------ INFORMATION PROVIDED ------

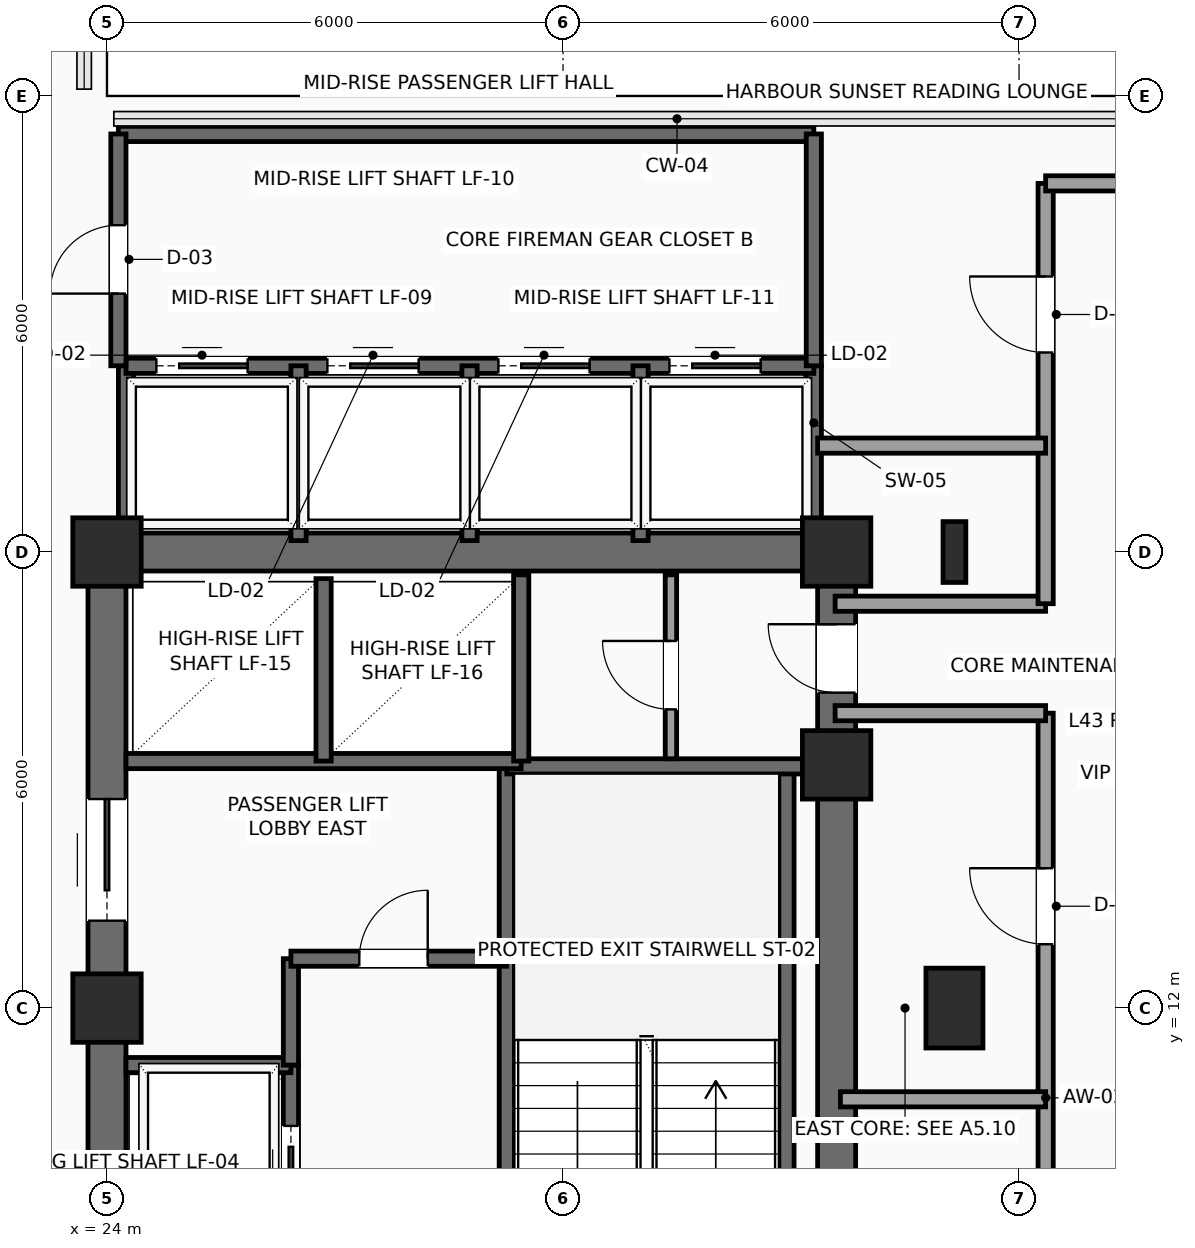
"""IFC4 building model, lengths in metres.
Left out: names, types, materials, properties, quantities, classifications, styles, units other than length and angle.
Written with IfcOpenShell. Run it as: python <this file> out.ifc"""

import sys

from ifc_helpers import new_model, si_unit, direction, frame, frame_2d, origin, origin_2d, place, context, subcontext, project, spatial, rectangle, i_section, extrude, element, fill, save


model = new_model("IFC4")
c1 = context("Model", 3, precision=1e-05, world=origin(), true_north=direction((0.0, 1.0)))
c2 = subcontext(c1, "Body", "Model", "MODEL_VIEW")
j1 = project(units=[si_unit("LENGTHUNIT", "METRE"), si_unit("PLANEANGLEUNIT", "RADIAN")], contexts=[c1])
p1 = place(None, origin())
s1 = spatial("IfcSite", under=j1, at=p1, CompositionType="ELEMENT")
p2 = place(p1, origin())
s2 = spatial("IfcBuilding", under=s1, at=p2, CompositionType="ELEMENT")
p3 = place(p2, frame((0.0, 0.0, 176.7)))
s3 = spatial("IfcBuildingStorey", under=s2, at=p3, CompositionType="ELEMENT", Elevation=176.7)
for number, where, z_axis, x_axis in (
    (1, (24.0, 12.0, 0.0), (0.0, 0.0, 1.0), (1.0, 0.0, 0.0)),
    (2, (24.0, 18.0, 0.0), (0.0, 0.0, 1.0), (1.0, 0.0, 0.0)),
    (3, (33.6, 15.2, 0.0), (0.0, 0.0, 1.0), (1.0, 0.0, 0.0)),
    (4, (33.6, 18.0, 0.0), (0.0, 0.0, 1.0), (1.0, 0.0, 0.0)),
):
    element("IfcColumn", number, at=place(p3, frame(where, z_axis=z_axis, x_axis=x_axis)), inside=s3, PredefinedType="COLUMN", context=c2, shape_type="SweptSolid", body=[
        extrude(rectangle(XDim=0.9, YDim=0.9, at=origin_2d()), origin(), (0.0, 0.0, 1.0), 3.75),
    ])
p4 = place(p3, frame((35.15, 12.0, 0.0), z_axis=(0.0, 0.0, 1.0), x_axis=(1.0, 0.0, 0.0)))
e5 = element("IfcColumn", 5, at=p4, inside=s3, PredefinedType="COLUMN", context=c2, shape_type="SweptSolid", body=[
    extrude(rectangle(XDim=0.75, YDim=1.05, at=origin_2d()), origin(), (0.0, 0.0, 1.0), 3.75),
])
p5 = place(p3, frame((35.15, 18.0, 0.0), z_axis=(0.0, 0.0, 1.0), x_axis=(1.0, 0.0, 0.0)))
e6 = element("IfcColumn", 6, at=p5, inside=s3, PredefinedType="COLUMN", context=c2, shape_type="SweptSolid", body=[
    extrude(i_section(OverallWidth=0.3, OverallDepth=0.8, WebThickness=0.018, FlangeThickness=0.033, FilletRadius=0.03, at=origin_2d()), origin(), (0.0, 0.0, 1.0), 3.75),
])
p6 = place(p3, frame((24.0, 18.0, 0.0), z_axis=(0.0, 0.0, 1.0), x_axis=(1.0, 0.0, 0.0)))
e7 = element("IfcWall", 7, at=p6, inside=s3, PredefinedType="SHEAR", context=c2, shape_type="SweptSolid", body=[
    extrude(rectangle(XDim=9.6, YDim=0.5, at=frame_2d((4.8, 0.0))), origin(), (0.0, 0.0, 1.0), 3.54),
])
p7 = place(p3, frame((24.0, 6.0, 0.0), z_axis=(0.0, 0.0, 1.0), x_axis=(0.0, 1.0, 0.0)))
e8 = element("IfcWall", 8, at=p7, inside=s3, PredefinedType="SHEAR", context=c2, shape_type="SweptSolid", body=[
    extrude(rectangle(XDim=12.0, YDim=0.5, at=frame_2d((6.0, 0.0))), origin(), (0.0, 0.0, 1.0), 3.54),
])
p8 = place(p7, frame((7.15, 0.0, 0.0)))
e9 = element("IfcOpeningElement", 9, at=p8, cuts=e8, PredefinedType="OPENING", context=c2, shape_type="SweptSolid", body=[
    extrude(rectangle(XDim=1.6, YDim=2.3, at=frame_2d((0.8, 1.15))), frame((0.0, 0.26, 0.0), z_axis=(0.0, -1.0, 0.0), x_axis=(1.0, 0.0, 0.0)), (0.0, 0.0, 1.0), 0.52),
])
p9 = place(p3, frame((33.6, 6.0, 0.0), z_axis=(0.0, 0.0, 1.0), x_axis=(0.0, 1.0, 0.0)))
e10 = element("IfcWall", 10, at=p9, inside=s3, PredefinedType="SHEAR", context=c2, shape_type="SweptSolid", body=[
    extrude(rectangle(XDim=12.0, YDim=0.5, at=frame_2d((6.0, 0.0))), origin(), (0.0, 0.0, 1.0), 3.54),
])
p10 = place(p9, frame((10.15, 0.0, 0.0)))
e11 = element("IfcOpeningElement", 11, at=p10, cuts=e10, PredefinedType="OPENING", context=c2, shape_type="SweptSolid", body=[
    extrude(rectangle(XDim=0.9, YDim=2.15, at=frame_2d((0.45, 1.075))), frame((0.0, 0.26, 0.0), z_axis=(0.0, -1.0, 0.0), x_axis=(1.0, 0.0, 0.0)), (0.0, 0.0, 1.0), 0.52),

------

WORK TO COMPLETE:
Repeat the material above exactly; pictures do not belong in the copy.

RESULT OF THE TASK:
"""IFC4 building model, lengths in metres.
Left out: names, types, materials, properties, quantities, classifications, styles, units other than length and angle.
Written with IfcOpenShell. Run it as: python <this file> out.ifc"""

import sys

from ifc_helpers import new_model, si_unit, direction, frame, frame_2d, origin, origin_2d, place, context, subcontext, project, spatial, rectangle, i_section, extrude, element, fill, save


model = new_model("IFC4")
c1 = context("Model", 3, precision=1e-05, world=origin(), true_north=direction((0.0, 1.0)))
c2 = subcontext(c1, "Body", "Model", "MODEL_VIEW")
j1 = project(units=[si_unit("LENGTHUNIT", "METRE"), si_unit("PLANEANGLEUNIT", "RADIAN")], contexts=[c1])
p1 = place(None, origin())
s1 = spatial("IfcSite", under=j1, at=p1, CompositionType="ELEMENT")
p2 = place(p1, origin())
s2 = spatial("IfcBuilding", under=s1, at=p2, CompositionType="ELEMENT")
p3 = place(p2, frame((0.0, 0.0, 176.7)))
s3 = spatial("IfcBuildingStorey", under=s2, at=p3, CompositionType="ELEMENT", Elevation=176.7)
for number, where, z_axis, x_axis in (
    (1, (24.0, 12.0, 0.0), (0.0, 0.0, 1.0), (1.0, 0.0, 0.0)),
    (2, (24.0, 18.0, 0.0), (0.0, 0.0, 1.0), (1.0, 0.0, 0.0)),
    (3, (33.6, 15.2, 0.0), (0.0, 0.0, 1.0), (1.0, 0.0, 0.0)),
    (4, (33.6, 18.0, 0.0), (0.0, 0.0, 1.0), (1.0, 0.0, 0.0)),
):
    element("IfcColumn", number, at=place(p3, frame(where, z_axis=z_axis, x_axis=x_axis)), inside=s3, PredefinedType="COLUMN", context=c2, shape_type="SweptSolid", body=[
        extrude(rectangle(XDim=0.9, YDim=0.9, at=origin_2d()), origin(), (0.0, 0.0, 1.0), 3.75),
    ])
p4 = place(p3, frame((35.15, 12.0, 0.0), z_axis=(0.0, 0.0, 1.0), x_axis=(1.0, 0.0, 0.0)))
e5 = element("IfcColumn", 5, at=p4, inside=s3, PredefinedType="COLUMN", context=c2, shape_type="SweptSolid", body=[
    extrude(rectangle(XDim=0.75, YDim=1.05, at=origin_2d()), origin(), (0.0, 0.0, 1.0), 3.75),
])
p5 = place(p3, frame((35.15, 18.0, 0.0), z_axis=(0.0, 0.0, 1.0), x_axis=(1.0, 0.0, 0.0)))
e6 = element("IfcColumn", 6, at=p5, inside=s3, PredefinedType="COLUMN", context=c2, shape_type="SweptSolid", body=[
    extrude(i_section(OverallWidth=0.3, OverallDepth=0.8, WebThickness=0.018, FlangeThickness=0.033, FilletRadius=0.03, at=origin_2d()), origin(), (0.0, 0.0, 1.0), 3.75),
])
p6 = place(p3, frame((24.0, 18.0, 0.0), z_axis=(0.0, 0.0, 1.0), x_axis=(1.0, 0.0, 0.0)))
e7 = element("IfcWall", 7, at=p6, inside=s3, PredefinedType="SHEAR", context=c2, shape_type="SweptSolid", body=[
    extrude(rectangle(XDim=9.6, YDim=0.5, at=frame_2d((4.8, 0.0))), origin(), (0.0, 0.0, 1.0), 3.54),
])
p7 = place(p3, frame((24.0, 6.0, 0.0), z_axis=(0.0, 0.0, 1.0), x_axis=(0.0, 1.0, 0.0)))
e8 = element("IfcWall", 8, at=p7, inside=s3, PredefinedType="SHEAR", context=c2, shape_type="SweptSolid", body=[
    extrude(rectangle(XDim=12.0, YDim=0.5, at=frame_2d((6.0, 0.0))), origin(), (0.0, 0.0, 1.0), 3.54),
])
p8 = place(p7, frame((7.15, 0.0, 0.0)))
e9 = element("IfcOpeningElement", 9, at=p8, cuts=e8, PredefinedType="OPENING", context=c2, shape_type="SweptSolid", body=[
    extrude(rectangle(XDim=1.6, YDim=2.3, at=frame_2d((0.8, 1.15))), frame((0.0, 0.26, 0.0), z_axis=(0.0, -1.0, 0.0), x_axis=(1.0, 0.0, 0.0)), (0.0, 0.0, 1.0), 0.52),
])
p9 = place(p3, frame((33.6, 6.0, 0.0), z_axis=(0.0, 0.0, 1.0), x_axis=(0.0, 1.0, 0.0)))
e10 = element("IfcWall", 10, at=p9, inside=s3, PredefinedType="SHEAR", context=c2, shape_type="SweptSolid", body=[
    extrude(rectangle(XDim=12.0, YDim=0.5, at=frame_2d((6.0, 0.0))), origin(), (0.0, 0.0, 1.0), 3.54),
])
p10 = place(p9, frame((10.15, 0.0, 0.0)))
e11 = element("IfcOpeningElement", 11, at=p10, cuts=e10, PredefinedType="OPENING", context=c2, shape_type="SweptSolid", body=[
    extrude(rectangle(XDim=0.9, YDim=2.15, at=frame_2d((0.45, 1.075))), frame((0.0, 0.26, 0.0), z_axis=(0.0, -1.0, 0.0), x_axis=(1.0, 0.0, 0.0)), (0.0, 0.0, 1.0), 0.52),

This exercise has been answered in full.